▽

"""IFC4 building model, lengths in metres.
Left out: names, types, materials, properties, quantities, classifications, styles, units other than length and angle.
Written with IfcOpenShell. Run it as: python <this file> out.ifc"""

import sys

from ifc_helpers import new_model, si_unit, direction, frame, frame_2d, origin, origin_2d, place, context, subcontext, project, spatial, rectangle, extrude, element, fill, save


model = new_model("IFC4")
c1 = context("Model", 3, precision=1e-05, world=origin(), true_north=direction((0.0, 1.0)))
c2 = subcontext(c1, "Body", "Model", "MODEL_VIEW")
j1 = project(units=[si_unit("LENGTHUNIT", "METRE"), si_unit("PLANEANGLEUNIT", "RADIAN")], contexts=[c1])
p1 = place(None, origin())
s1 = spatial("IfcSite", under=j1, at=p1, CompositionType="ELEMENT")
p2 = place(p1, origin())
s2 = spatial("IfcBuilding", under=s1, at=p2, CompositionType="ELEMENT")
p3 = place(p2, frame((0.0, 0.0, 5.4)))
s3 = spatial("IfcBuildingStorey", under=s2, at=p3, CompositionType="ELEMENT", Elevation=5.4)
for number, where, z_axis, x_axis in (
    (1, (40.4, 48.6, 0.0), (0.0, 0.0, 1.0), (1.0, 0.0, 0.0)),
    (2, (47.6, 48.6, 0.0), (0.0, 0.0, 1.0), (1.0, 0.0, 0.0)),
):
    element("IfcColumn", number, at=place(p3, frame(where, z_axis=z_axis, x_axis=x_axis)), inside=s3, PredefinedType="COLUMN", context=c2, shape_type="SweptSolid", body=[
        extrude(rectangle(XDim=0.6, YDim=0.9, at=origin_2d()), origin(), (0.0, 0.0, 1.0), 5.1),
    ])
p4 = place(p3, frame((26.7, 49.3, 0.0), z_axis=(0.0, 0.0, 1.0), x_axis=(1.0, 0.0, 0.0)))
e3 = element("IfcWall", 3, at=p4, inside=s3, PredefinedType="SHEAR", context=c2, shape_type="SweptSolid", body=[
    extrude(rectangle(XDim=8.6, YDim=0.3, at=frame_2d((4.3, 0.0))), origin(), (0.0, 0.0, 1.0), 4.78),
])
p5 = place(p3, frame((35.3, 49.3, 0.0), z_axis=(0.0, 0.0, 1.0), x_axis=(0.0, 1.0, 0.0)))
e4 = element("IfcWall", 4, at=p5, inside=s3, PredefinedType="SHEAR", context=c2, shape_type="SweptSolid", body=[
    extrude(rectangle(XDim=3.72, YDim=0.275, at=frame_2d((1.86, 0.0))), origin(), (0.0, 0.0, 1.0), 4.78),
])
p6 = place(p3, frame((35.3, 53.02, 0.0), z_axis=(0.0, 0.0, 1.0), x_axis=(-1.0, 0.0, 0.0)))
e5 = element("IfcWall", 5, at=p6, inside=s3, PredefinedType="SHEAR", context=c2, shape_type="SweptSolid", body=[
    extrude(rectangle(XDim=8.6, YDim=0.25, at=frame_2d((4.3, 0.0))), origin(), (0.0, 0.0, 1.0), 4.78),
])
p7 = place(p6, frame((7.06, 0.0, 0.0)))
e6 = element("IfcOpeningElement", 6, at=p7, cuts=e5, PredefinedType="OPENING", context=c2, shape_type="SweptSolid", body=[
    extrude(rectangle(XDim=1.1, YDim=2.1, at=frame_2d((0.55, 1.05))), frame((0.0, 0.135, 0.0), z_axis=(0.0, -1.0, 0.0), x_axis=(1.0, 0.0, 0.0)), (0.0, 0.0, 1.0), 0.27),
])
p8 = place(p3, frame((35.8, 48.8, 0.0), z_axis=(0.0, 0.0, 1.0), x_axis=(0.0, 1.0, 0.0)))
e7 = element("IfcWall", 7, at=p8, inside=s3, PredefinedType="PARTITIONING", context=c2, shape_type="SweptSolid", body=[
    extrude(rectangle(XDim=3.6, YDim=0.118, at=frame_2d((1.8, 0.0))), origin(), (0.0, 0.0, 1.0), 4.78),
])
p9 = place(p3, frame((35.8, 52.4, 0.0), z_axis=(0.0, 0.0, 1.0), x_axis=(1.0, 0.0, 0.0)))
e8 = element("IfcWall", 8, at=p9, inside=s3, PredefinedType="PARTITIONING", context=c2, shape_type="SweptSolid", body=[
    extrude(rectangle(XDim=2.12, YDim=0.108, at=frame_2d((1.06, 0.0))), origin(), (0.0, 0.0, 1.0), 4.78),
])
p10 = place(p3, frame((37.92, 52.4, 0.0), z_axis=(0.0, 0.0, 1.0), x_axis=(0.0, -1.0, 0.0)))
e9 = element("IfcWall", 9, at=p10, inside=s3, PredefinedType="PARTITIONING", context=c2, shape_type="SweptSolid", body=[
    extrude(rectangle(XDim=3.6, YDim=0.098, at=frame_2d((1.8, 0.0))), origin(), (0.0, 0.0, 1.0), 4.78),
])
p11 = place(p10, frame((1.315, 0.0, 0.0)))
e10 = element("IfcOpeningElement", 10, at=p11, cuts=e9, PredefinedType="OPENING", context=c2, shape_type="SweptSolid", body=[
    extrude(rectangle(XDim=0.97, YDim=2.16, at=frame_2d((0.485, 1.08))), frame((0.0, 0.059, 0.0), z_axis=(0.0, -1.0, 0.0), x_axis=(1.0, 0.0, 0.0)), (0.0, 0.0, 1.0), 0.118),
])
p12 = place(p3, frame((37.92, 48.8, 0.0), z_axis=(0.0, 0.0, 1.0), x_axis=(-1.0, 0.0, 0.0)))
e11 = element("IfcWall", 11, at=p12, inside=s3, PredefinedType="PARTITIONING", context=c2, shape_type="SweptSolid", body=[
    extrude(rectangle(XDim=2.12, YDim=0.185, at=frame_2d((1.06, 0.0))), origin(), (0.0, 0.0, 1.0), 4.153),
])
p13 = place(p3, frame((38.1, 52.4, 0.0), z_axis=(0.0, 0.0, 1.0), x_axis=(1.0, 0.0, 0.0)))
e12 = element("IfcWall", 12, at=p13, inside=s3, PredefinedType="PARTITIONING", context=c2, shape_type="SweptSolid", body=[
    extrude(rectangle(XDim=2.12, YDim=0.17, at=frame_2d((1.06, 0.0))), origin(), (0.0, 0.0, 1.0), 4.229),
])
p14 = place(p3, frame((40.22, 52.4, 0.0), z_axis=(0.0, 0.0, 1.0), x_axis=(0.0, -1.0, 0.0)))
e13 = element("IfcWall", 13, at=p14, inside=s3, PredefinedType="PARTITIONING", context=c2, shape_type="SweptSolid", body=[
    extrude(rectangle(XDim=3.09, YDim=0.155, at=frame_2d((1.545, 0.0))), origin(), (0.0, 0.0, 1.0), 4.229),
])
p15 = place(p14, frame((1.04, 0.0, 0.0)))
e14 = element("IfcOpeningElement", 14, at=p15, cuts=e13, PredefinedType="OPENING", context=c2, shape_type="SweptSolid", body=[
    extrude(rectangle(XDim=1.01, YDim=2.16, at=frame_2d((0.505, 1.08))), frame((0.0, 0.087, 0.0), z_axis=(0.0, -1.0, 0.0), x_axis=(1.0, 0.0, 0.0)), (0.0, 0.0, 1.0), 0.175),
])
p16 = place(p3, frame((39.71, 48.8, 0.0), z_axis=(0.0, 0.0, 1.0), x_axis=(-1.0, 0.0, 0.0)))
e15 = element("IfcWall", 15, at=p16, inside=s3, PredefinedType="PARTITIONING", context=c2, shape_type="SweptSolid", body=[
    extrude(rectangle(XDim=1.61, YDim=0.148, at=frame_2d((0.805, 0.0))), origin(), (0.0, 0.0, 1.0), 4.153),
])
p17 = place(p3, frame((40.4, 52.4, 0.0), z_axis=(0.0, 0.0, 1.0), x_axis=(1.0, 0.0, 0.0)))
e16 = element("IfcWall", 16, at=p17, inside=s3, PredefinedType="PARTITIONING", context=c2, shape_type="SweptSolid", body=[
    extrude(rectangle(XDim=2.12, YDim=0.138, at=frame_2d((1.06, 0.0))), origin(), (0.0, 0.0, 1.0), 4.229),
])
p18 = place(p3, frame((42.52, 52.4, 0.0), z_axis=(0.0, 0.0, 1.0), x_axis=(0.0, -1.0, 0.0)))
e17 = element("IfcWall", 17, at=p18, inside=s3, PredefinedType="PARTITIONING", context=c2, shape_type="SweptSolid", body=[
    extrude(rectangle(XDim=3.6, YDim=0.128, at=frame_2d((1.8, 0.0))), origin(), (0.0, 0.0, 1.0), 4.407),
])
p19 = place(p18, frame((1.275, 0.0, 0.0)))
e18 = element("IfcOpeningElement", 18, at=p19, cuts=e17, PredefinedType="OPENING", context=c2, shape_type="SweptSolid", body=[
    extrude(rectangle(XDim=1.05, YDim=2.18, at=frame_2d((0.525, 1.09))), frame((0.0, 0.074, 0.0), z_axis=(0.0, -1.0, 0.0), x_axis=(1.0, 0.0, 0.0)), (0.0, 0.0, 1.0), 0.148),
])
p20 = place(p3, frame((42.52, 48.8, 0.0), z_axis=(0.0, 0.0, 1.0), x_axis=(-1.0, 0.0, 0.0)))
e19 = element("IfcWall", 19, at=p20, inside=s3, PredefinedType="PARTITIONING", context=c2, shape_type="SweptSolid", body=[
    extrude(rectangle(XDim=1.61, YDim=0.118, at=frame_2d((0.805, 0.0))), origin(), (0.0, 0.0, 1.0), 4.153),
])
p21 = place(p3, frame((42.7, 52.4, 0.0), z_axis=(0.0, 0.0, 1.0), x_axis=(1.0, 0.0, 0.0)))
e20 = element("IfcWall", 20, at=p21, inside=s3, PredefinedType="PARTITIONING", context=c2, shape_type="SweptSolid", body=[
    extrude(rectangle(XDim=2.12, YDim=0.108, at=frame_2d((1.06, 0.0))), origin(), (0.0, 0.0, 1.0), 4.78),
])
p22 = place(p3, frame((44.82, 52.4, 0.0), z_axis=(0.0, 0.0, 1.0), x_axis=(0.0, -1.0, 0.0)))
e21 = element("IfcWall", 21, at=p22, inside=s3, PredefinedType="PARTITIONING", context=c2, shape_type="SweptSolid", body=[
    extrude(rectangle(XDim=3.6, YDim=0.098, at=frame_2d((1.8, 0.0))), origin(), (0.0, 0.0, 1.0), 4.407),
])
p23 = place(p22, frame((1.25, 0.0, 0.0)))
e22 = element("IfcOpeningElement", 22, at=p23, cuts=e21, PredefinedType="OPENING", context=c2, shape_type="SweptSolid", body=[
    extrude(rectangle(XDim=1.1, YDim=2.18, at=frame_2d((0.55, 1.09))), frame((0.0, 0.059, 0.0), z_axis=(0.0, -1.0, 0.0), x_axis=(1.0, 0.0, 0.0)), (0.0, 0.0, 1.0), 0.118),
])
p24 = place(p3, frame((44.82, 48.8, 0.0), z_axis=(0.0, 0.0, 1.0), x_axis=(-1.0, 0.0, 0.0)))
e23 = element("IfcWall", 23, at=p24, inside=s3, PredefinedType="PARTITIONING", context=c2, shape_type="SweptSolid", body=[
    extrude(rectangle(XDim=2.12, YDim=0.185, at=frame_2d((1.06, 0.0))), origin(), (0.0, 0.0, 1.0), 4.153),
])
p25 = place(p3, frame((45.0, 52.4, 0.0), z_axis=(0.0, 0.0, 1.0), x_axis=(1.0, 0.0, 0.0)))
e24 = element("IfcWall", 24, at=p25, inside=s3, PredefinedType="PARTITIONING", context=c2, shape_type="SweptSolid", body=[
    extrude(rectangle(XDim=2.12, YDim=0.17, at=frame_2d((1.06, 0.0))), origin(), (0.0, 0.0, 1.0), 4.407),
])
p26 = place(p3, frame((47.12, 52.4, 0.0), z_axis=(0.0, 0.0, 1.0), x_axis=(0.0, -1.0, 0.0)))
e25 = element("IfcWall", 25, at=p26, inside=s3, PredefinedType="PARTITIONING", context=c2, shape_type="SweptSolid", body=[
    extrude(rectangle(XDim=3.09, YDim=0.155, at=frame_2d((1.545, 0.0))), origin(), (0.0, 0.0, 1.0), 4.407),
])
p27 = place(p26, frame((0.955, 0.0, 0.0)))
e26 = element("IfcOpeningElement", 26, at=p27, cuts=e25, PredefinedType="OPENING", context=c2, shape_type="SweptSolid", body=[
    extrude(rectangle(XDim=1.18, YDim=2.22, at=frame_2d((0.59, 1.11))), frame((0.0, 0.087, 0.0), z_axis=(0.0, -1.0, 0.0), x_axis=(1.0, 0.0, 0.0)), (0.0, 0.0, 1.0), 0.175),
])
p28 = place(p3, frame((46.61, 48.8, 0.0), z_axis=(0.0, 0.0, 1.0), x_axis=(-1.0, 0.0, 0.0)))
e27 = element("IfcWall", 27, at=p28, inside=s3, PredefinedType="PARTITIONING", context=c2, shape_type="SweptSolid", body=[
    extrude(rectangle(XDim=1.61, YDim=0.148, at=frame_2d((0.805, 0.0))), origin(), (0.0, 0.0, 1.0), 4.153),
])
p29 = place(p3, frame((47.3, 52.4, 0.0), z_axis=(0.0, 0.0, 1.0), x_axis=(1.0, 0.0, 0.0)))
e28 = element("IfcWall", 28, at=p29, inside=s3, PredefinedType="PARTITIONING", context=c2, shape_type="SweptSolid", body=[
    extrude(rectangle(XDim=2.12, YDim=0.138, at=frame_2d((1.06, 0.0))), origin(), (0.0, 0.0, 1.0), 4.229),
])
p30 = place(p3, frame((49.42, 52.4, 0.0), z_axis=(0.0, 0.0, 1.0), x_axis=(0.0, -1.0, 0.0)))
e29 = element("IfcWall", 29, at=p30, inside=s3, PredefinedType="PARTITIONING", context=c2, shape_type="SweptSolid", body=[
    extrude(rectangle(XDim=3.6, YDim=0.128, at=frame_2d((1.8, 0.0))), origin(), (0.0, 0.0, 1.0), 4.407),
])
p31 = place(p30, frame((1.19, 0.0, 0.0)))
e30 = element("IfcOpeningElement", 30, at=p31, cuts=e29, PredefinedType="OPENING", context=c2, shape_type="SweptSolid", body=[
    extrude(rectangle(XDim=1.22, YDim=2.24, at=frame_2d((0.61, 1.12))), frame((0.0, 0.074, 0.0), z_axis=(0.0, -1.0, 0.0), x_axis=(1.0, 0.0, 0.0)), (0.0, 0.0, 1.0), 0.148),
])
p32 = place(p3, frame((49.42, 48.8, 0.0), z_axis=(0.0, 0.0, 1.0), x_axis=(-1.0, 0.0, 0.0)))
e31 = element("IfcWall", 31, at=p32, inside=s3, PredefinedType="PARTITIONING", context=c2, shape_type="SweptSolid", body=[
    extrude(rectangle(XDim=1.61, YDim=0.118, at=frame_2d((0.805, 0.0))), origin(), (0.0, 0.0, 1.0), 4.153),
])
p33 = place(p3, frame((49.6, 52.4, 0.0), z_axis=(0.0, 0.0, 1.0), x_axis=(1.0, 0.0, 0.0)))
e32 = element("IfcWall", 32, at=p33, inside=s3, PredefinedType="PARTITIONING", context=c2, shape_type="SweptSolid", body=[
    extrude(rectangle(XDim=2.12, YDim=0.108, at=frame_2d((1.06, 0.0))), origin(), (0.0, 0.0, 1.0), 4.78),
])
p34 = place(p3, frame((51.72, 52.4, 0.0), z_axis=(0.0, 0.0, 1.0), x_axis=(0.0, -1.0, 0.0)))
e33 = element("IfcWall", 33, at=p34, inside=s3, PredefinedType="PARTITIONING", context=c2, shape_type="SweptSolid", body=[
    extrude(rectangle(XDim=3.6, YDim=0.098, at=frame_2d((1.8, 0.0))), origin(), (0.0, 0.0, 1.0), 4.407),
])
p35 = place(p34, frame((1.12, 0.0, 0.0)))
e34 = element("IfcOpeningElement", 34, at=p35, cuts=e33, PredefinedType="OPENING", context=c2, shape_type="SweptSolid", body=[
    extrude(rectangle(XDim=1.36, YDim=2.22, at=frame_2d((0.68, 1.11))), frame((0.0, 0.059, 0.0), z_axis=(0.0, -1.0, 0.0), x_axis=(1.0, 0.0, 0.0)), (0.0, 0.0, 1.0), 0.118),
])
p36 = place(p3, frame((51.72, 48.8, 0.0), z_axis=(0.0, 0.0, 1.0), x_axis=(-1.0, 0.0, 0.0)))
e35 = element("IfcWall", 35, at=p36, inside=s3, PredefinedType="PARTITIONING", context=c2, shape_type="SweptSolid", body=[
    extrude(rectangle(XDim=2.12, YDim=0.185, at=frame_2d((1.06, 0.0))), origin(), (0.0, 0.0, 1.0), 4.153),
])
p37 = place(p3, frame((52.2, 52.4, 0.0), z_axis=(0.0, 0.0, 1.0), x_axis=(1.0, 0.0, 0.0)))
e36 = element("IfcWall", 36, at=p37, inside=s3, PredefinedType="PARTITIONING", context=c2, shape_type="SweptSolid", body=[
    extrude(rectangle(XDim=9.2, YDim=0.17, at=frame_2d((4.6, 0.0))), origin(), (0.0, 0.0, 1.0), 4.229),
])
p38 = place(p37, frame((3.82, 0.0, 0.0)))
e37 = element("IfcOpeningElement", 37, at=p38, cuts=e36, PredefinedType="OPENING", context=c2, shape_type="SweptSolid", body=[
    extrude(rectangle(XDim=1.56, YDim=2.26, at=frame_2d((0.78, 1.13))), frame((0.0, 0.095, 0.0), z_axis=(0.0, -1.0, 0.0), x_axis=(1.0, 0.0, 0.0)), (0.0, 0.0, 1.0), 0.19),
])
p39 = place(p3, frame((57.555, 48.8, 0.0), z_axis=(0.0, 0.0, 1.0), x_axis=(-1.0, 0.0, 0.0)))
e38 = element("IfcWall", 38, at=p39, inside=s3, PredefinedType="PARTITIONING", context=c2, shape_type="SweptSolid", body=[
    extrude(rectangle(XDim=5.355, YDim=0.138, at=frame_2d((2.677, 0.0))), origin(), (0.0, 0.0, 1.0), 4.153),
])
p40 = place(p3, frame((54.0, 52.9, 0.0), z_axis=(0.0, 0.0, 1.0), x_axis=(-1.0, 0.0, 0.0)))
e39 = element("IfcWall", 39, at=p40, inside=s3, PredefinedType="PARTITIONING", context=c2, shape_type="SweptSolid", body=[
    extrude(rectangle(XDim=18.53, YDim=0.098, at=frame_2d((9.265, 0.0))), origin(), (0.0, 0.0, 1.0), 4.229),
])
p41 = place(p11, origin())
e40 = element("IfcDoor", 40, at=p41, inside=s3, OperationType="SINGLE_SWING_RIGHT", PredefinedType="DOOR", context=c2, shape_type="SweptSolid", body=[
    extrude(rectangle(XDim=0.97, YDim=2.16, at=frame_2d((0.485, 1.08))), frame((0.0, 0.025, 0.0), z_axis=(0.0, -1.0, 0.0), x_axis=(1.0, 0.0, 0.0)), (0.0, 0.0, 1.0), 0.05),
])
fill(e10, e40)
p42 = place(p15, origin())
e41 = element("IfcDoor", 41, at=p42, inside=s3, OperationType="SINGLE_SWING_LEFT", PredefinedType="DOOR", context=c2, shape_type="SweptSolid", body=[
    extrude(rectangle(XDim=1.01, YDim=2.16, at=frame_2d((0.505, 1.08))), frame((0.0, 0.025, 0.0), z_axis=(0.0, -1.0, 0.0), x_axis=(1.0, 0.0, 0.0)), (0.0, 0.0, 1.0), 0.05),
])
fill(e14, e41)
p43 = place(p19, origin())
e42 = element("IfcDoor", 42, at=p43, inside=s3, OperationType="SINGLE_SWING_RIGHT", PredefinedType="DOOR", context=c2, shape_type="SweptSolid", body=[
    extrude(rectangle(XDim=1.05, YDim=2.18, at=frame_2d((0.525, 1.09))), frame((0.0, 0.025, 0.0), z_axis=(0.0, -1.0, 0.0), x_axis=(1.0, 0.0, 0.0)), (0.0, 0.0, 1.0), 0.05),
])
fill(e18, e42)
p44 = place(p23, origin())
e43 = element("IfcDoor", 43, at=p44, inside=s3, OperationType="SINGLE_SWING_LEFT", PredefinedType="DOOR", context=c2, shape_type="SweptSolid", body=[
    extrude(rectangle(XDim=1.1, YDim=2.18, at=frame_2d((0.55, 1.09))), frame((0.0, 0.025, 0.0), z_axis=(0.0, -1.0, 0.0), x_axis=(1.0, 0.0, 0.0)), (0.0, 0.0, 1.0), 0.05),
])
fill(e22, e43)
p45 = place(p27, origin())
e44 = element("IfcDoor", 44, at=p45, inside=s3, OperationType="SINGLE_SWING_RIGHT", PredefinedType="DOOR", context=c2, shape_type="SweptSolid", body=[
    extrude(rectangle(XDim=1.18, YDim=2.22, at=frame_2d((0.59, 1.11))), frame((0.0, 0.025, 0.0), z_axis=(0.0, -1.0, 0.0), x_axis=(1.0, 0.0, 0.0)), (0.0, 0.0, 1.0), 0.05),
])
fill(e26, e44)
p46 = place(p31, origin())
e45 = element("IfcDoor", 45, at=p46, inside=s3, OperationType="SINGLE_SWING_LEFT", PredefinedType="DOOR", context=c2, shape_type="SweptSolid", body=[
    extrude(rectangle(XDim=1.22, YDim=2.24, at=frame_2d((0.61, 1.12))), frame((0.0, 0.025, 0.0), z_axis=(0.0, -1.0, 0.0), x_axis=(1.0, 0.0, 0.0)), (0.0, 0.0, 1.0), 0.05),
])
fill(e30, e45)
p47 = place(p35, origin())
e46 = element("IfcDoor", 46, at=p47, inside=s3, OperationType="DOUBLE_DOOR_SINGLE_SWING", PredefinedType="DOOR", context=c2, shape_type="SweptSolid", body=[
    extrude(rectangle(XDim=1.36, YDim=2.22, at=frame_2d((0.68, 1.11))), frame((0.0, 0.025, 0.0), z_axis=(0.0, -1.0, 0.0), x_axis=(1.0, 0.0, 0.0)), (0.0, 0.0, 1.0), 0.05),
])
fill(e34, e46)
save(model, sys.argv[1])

△

**Exercise brief:**
Copy the lines above that hold the word "fill".

**The answer:**
from ifc_helpers import new_model, si_unit, direction, frame, frame_2d, origin, origin_2d, place, context, subcontext, project, spatial, rectangle, extrude, element, fill, save
fill(e10, e40)
fill(e14, e41)
fill(e18, e42)
fill(e22, e43)
fill(e26, e44)
fill(e30, e45)
fill(e34, e46)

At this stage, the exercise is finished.